-- Prompt --
Look for "project" in each line of the entries, and return the matching lines.

·····

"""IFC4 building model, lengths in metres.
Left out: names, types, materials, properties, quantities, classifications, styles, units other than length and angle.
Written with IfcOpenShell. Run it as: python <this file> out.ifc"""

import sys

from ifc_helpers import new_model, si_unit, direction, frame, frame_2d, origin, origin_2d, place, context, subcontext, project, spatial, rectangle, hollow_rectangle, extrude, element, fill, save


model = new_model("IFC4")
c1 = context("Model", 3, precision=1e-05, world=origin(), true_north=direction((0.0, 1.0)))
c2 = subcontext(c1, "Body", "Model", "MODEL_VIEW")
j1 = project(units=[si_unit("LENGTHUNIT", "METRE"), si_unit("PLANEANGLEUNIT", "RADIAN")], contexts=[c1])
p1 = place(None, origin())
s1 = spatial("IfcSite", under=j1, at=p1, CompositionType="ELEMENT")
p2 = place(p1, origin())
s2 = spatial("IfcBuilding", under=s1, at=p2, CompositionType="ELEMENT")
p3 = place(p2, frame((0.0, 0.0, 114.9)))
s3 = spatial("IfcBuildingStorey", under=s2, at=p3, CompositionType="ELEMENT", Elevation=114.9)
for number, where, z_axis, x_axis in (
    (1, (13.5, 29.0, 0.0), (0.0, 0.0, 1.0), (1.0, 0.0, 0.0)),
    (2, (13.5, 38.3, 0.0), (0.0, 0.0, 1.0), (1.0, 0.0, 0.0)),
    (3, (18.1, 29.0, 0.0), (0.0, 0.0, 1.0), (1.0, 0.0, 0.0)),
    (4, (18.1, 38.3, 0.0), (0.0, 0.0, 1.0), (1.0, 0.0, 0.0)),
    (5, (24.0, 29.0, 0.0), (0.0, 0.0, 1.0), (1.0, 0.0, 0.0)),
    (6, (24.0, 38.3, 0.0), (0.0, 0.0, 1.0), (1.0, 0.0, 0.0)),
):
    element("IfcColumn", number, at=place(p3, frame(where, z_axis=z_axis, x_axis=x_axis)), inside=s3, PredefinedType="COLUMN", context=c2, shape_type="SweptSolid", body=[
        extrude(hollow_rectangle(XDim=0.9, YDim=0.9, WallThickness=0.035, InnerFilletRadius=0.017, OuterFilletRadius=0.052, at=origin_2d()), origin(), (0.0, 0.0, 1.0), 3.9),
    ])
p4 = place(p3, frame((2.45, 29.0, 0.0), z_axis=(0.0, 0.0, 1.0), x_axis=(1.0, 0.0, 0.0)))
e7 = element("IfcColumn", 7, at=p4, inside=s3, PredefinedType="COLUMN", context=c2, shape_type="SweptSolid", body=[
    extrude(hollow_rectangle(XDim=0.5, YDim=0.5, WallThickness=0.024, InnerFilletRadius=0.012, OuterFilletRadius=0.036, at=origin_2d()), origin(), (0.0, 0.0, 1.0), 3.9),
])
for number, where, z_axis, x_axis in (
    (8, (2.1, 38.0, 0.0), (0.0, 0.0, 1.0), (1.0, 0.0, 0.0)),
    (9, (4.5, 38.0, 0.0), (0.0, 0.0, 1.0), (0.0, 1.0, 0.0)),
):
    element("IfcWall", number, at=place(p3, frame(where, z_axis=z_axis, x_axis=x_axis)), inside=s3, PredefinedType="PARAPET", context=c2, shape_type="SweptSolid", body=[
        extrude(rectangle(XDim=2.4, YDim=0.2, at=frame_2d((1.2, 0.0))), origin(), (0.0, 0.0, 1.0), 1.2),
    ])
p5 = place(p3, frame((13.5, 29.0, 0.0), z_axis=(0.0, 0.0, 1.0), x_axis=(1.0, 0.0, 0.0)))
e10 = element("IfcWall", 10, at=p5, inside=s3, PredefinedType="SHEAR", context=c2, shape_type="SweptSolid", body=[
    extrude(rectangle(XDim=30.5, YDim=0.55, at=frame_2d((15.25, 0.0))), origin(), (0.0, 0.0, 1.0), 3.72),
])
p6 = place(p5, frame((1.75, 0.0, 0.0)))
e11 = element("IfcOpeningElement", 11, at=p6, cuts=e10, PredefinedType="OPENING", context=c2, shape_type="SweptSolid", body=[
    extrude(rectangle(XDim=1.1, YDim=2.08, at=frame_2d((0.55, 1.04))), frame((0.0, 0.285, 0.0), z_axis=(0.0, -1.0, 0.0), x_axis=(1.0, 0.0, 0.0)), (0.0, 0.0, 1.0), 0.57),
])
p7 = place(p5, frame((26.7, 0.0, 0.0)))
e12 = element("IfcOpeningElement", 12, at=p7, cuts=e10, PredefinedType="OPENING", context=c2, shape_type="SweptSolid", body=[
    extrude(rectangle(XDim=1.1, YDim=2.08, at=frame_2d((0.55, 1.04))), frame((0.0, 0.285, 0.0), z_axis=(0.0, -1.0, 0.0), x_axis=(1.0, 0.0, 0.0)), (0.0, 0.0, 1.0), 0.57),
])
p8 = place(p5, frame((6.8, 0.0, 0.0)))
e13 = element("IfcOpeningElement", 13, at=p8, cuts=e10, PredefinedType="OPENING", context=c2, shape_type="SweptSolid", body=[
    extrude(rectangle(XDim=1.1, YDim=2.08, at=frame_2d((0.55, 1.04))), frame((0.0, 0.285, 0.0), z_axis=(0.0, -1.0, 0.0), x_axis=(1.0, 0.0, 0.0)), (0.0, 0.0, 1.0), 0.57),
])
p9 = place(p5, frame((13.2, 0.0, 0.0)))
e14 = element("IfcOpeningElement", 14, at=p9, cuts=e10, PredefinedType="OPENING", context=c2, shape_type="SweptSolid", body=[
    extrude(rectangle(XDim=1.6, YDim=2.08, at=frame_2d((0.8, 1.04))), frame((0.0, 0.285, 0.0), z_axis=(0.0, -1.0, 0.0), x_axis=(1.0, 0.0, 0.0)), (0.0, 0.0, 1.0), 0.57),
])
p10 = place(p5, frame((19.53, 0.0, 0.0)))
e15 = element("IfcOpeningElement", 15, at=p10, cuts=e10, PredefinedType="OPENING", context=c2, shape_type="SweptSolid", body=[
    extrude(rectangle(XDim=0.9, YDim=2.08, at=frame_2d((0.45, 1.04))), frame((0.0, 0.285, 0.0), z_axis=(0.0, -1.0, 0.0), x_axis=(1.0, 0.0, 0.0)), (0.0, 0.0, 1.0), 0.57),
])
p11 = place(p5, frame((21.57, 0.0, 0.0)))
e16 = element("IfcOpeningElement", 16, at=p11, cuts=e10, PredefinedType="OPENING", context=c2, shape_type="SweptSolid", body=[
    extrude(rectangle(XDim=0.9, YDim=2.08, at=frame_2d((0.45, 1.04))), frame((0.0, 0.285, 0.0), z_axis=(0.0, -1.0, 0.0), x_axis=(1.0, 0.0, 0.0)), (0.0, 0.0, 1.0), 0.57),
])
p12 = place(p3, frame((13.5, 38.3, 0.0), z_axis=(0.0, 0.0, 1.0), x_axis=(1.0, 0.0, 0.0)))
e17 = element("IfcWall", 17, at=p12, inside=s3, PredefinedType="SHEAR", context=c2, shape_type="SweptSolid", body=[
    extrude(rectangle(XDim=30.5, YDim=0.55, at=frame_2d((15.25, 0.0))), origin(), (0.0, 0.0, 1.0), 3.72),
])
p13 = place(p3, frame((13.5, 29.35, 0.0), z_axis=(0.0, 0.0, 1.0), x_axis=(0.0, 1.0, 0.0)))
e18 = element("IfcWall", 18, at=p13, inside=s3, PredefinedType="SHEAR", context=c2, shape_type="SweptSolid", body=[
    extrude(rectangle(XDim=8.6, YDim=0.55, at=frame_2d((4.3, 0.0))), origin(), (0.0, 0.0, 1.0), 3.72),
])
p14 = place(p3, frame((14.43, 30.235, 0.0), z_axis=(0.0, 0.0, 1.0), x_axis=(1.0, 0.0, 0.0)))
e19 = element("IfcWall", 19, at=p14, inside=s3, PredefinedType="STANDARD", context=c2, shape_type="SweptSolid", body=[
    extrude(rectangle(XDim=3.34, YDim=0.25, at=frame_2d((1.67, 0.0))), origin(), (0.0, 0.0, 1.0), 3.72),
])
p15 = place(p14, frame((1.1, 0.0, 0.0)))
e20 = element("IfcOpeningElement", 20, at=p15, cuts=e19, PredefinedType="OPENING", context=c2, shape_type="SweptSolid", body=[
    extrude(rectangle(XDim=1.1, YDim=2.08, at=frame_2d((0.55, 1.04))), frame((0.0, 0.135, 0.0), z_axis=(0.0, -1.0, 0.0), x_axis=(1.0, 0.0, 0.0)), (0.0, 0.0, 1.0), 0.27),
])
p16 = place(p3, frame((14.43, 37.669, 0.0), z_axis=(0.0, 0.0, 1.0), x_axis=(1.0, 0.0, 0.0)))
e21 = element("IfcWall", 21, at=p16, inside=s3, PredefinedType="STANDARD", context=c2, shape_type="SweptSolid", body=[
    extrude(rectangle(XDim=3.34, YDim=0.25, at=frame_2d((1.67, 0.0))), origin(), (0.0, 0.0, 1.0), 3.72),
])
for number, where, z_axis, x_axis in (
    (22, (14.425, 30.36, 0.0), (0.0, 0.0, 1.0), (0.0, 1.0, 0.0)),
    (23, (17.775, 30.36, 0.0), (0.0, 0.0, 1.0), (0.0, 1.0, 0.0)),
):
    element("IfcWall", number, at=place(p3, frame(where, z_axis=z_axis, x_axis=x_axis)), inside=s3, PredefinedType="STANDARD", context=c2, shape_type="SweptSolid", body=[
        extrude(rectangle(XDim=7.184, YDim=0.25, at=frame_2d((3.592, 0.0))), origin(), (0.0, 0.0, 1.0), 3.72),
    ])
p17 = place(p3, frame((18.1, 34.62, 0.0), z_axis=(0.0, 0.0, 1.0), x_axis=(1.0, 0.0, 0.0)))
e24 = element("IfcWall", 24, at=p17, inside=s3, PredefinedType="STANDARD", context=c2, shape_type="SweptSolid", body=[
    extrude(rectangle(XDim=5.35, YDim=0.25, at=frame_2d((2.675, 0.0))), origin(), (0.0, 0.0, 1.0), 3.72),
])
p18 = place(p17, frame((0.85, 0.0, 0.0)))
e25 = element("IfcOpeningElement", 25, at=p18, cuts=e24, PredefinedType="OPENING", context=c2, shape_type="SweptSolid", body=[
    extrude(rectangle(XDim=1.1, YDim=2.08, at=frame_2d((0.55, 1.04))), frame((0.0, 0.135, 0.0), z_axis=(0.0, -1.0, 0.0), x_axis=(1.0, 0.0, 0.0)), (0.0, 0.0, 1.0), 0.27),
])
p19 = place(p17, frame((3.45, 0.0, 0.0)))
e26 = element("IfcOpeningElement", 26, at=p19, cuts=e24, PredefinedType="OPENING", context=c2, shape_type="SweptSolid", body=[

·····

-- Response area --
from ifc_helpers import new_model, si_unit, direction, frame, frame_2d, origin, origin_2d, place, context, subcontext, project, spatial, rectangle, hollow_rectangle, extrude, element, fill, save
j1 = project(units=[si_unit("LENGTHUNIT", "METRE"), si_unit("PLANEANGLEUNIT", "RADIAN")], contexts=[c1])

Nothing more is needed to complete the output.